'''

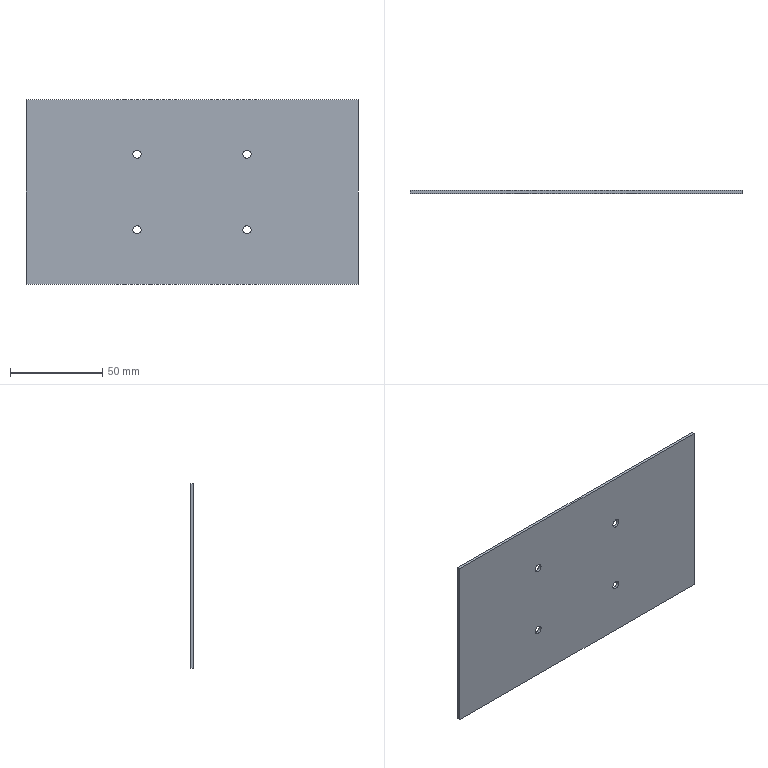Component | SolidWorks | CopperGasket-1 | 1 solid | 14 faces | box 180 x 1.5 x 100.27 mm | volume 26975 mm3 | cylinder 8 | plane 6 | commonest cylinder face diameters 4.542 x8
build123d program:
from build123d import *

# Parameters (mm, degrees)
SKETCH1_W               = 100.269
SKETCH1_H               = 180
BOSS_EXTRUDE1_DEPTH     = 1.5
SKETCH3_W               = 55.775
SKETCH3_H               = 106
BOSS_EXTRUDE2_DEPTH     = 1.5
CUT_EXTRUDE1_DEPTH      = 158.947
CUT_EXTRUDE1_DEPTH_BACK = 158.947
SKETCH2_R               = 2.271


with BuildPart() as part:
    # Sketch1 → Boss-Extrude1 (new body)
    with BuildSketch(Plane.XY):
        with Locations((0, -59.772)):
            Rectangle(SKETCH1_W, SKETCH1_H)
    extrude(amount=BOSS_EXTRUDE1_DEPTH)


with BuildPart() as body_2:
    # Sketch3 → Boss-Extrude2 (new body)
    with BuildSketch(Plane.XY.offset(1.5)):
        with Locations((0, -53)):
            Rectangle(SKETCH3_W, SKETCH3_H)
    extrude(amount=-BOSS_EXTRUDE2_DEPTH)


with BuildPart() as cut_extrude1_tool:
    # Sketch2 → Cut-Extrude1 (new, two sides: drawn at the far end of the back side and taken through both)
    with BuildSketch(Plane.XY.offset(1.5).offset(-CUT_EXTRUDE1_DEPTH_BACK)):
        with Locations((20.473, -29.973)):
            Circle(SKETCH2_R)
        with Locations((20.473, -89.571)):
            Circle(SKETCH2_R)
        with Locations((-20.473, -29.973)):
            Circle(SKETCH2_R)
        with Locations((-20.473, -89.571)):
            Circle(SKETCH2_R)
    extrude(amount=CUT_EXTRUDE1_DEPTH + CUT_EXTRUDE1_DEPTH_BACK)


with BuildPart() as part_1:
    add(part.part)

    # Cut-Extrude1: cut by cut_extrude1_tool
    add(cut_extrude1_tool.part, mode=Mode.SUBTRACT)


with BuildPart() as body_2_1:
    add(body_2.part)

    # Cut-Extrude1: cut by cut_extrude1_tool
    add(cut_extrude1_tool.part, mode=Mode.SUBTRACT)


with BuildPart() as part_2:
    add(part_1.part)

    # Combine2: union body 2
    add(body_2_1.part)


solid = part_2.part

# Placed as in the assembly
solid = solid.moved(Location((-3, 96.74, 0), (90, 0, 90)))
STEP:
#1=CARTESIAN_POINT('',(1.062,3.75,-0.7166));
#2=VERTEX_POINT('',#1);
#3=CARTESIAN_POINT('',(1.062,3.75,-0.8954));
#4=VERTEX_POINT('',#3);
#5=CARTESIAN_POINT('',(1.062,3.75,-0.806));
#6=DIRECTION('',(0.,1.,0.));
#7=DIRECTION('',(0.,0.,-1.));
#8=AXIS2_PLACEMENT_3D('',#5,#6,#7);
#9=CIRCLE('',#8,0.08941);
#10=EDGE_CURVE('',#2,#4,#9,.T.);
#11=ORIENTED_EDGE('',*,*,#10,.F.);
#12=CARTESIAN_POINT('',(1.062,3.809,-0.7166));
#13=VERTEX_POINT('',#12);
#14=CARTESIAN_POINT('',(1.062,3.75,-0.7166));
#15=DIRECTION('',(0.,1.,0.));
#16=VECTOR('',#15,39.37);
#17=LINE('',#14,#16);
#18=EDGE_CURVE('',#2,#13,#17,.T.);
#19=ORIENTED_EDGE('',*,*,#18,.T.);
#20=CARTESIAN_POINT('',(1.062,3.809,-0.8954));
#21=VERTEX_POINT('',#20);
#22=CARTESIAN_POINT('',(1.062,3.809,-0.7166));
#23=CARTESIAN_POINT('',(1.074,3.809,-0.7166));
#24=CARTESIAN_POINT('',(1.085,3.809,-0.7189));
#25=CARTESIAN_POINT('',(1.107,3.809,-0.7279));
#26=CARTESIAN_POINT('',(1.117,3.809,-0.7345));
#27=CARTESIAN_POINT('',(1.133,3.809,-0.7511));
#28=CARTESIAN_POINT('',(1.14,3.809,-0.761));
#29=CARTESIAN_POINT('',(1.149,3.809,-0.7826));
#30=CARTESIAN_POINT('',(1.151,3.809,-0.7943));
#31=CARTESIAN_POINT('',(1.151,3.809,-0.8177));
#32=CARTESIAN_POINT('',(1.149,3.809,-0.8294));
#33=CARTESIAN_POINT('',(1.14,3.809,-0.8511));
#34=CARTESIAN_POINT('',(1.133,3.809,-0.861));
#35=CARTESIAN_POINT('',(1.117,3.809,-0.8775));
#36=CARTESIAN_POINT('',(1.107,3.809,-0.8842));
#37=CARTESIAN_POINT('',(1.085,3.809,-0.8931));
#38=CARTESIAN_POINT('',(1.074,3.809,-0.8954));
#39=CARTESIAN_POINT('',(1.062,3.809,-0.8954));
#40=B_SPLINE_CURVE_WITH_KNOTS('',3,(#22,#23,#24,#25,#26,#27,#28,#29,#30,#31,#32,#33,#34,#35,#36,#37,#38,#39),.UNSPECIFIED.,.F.,.F.,(4,2,2,2,2,2,2,2,4),(0.5,0.5625,0.625,0.6875,0.75,0.8125,0.875,0.9375,1.),.UNSPECIFIED.);
#41=EDGE_CURVE('',#13,#21,#40,.T.);
#42=ORIENTED_EDGE('',*,*,#41,.T.);
#43=CARTESIAN_POINT('',(1.062,3.75,-0.8954));
#44=DIRECTION('',(0.,1.,0.));
#45=VECTOR('',#44,39.37);
#46=LINE('',#43,#45);
#47=EDGE_CURVE('',#4,#21,#46,.T.);
#48=ORIENTED_EDGE('',*,*,#47,.F.);
#49=EDGE_LOOP('',(#11,#19,#42,#48));
#50=FACE_OUTER_BOUND('',#49,.T.);
#51=CARTESIAN_POINT('',(1.062,3.75,-0.806));
#52=DIRECTION('',(0.,1.,0.));
#53=DIRECTION('',(0.,0.,-1.));
#54=AXIS2_PLACEMENT_3D('',#51,#52,#53);
#55=CYLINDRICAL_SURFACE('',#54,0.08941);
#56=ADVANCED_FACE('',(#50),#55,.F.);
#57=CARTESIAN_POINT('',(3.408,3.75,-0.7166));
#58=VERTEX_POINT('',#57);
#59=CARTESIAN_POINT('',(3.408,3.75,-0.8954));
#60=VERTEX_POINT('',#59);
#61=CARTESIAN_POINT('',(3.408,3.75,-0.806));
#62=DIRECTION('',(0.,1.,0.));
#63=DIRECTION('',(0.,0.,-1.));
#64=AXIS2_PLACEMENT_3D('',#61,#62,#63);
#65=CIRCLE('',#64,0.08941);
#66=EDGE_CURVE('',#58,#60,#65,.T.);
#67=ORIENTED_EDGE('',*,*,#66,.F.);
#68=CARTESIAN_POINT('',(3.408,3.809,-0.7166));
#69=VERTEX_POINT('',#68);
#70=CARTESIAN_POINT('',(3.408,3.75,-0.7166));
#71=DIRECTION('',(0.,1.,0.));
#72=VECTOR('',#71,39.37);
#73=LINE('',#70,#72);
#74=EDGE_CURVE('',#58,#69,#73,.T.);
#75=ORIENTED_EDGE('',*,*,#74,.T.);
#76=CARTESIAN_POINT('',(3.408,3.809,-0.8954));
#77=VERTEX_POINT('',#76);
#78=CARTESIAN_POINT('',(3.408,3.809,-0.7166));
#79=CARTESIAN_POINT('',(3.42,3.809,-0.7166));
#80=CARTESIAN_POINT('',(3.432,3.809,-0.7189));
#81=CARTESIAN_POINT('',(3.453,3.809,-0.7279));
#82=CARTESIAN_POINT('',(3.463,3.809,-0.7345));
#83=CARTESIAN_POINT('',(3.48,3.809,-0.7511));
#84=CARTESIAN_POINT('',(3.486,3.809,-0.761));
#85=CARTESIAN_POINT('',(3.495,3.809,-0.7826));
#86=CARTESIAN_POINT('',(3.498,3.809,-0.7943));
#87=CARTESIAN_POINT('',(3.498,3.809,-0.8177));
#88=CARTESIAN_POINT('',(3.495,3.809,-0.8294));
#89=CARTESIAN_POINT('',(3.486,3.809,-0.8511));
#90=CARTESIAN_POINT('',(3.48,3.809,-0.861));
#91=CARTESIAN_POINT('',(3.463,3.809,-0.8775));
#92=CARTESIAN_POINT('',(3.453,3.809,-0.8842));
#93=CARTESIAN_POINT('',(3.432,3.809,-0.8931));
#94=CARTESIAN_POINT('',(3.42,3.809,-0.8954));
#95=CARTESIAN_POINT('',(3.408,3.809,-0.8954));
#96=B_SPLINE_CURVE_WITH_KNOTS('',3,(#78,#79,#80,#81,#82,#83,#84,#85,#86,#87,#88,#89,#90,#91,#92,#93,#94,#95),.UNSPECIFIED.,.F.,.F.,(4,2,2,2,2,2,2,2,4),(0.5,0.5625,0.625,0.6875,0.75,0.8125,0.875,0.9375,1.),.UNSPECIFIED.);
#97=EDGE_CURVE('',#69,#77,#96,.T.);
#98=ORIENTED_EDGE('',*,*,#97,.T.);
#99=CARTESIAN_POINT('',(3.408,3.75,-0.8954));
#100=DIRECTION('',(0.,1.,0.));
#101=VECTOR('',#100,39.37);
#102=LINE('',#99,#101);
#103=EDGE_CURVE('',#60,#77,#102,.T.);
#104=ORIENTED_EDGE('',*,*,#103,.F.);
#105=EDGE_LOOP('',(#67,#75,#98,#104));
#106=FACE_OUTER_BOUND('',#105,.T.);
#107=CARTESIAN_POINT('',(3.408,3.75,-0.806));
#108=DIRECTION('',(0.,1.,0.));
#109=DIRECTION('',(0.,0.,-1.));
#110=AXIS2_PLACEMENT_3D('',#107,#108,#109);
#111=CYLINDRICAL_SURFACE('',#110,0.08941);
#112=ADVANCED_FACE('',(#106),#111,.F.);
#113=CARTESIAN_POINT('',(1.062,3.75,0.8954));
#114=VERTEX_POINT('',#113);
#115=CARTESIAN_POINT('',(1.062,3.75,0.7166));
#116=VERTEX_POINT('',#115);
#117=CARTESIAN_POINT('',(1.062,3.75,0.806));
#118=DIRECTION('',(0.,1.,0.));
#119=DIRECTION('',(0.,0.,-1.));
#120=AXIS2_PLACEMENT_3D('',#117,#118,#119);
#121=CIRCLE('',#120,0.08941);
#122=EDGE_CURVE('',#114,#116,#121,.T.);
#123=ORIENTED_EDGE('',*,*,#122,.F.);
#124=CARTESIAN_POINT('',(1.062,3.809,0.8954));
#125=VERTEX_POINT('',#124);
#126=CARTESIAN_POINT('',(1.062,3.75,0.8954));
#127=DIRECTION('',(0.,1.,0.));
#128=VECTOR('',#127,39.37);
#129=LINE('',#126,#128);
#130=EDGE_CURVE('',#114,#125,#129,.T.);
#131=ORIENTED_EDGE('',*,*,#130,.T.);
#132=CARTESIAN_POINT('',(1.062,3.809,0.7166));
#133=VERTEX_POINT('',#132);
#134=CARTESIAN_POINT('',(1.062,3.809,0.8954));
#135=CARTESIAN_POINT('',(1.074,3.809,0.8954));
#136=CARTESIAN_POINT('',(1.085,3.809,0.8931));
#137=CARTESIAN_POINT('',(1.107,3.809,0.8842));
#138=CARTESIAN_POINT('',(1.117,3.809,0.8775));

'''

Goal of the exercise:
Among the records above, find each line holding "Rectangle" and list it.

Written solution:
            Rectangle(SKETCH1_W, SKETCH1_H)
            Rectangle(SKETCH3_W, SKETCH3_H)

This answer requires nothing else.